[Opening PROVIDED ENTRIES section]
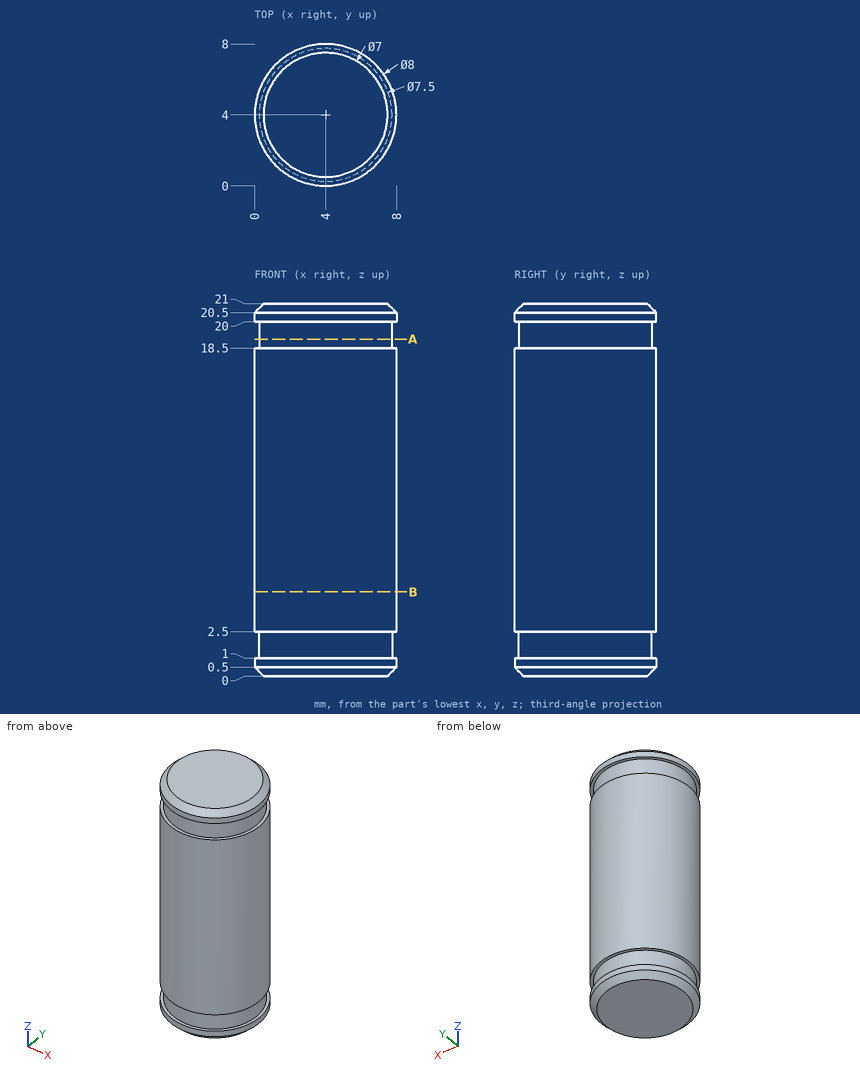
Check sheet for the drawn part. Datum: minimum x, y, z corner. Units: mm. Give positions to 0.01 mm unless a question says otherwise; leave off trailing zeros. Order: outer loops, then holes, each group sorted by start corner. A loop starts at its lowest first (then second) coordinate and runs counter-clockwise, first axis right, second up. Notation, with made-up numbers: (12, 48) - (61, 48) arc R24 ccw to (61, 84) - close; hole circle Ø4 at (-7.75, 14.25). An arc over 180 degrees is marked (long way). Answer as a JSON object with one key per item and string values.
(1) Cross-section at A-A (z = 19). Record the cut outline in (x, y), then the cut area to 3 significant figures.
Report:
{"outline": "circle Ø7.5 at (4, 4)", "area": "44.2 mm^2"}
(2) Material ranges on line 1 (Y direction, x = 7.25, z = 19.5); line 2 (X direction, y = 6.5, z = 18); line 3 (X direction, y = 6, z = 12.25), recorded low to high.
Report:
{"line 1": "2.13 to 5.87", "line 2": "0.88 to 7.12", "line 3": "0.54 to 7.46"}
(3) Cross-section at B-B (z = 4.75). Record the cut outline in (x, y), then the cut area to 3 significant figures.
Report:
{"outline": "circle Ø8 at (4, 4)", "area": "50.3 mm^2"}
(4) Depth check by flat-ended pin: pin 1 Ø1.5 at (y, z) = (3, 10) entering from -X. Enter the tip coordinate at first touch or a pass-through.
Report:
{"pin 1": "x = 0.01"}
[Closing PROVIDED ENTRIES section]
Lines that include the word "Cross" are to be extracted from the data above.

(1) Cross-section at A-A (z = 19). Record the cut outline in (x, y), then the cut area to 3 significant figures.
(3) Cross-section at B-B (z = 4.75). Record the cut outline in (x, y), then the cut area to 3 significant figures.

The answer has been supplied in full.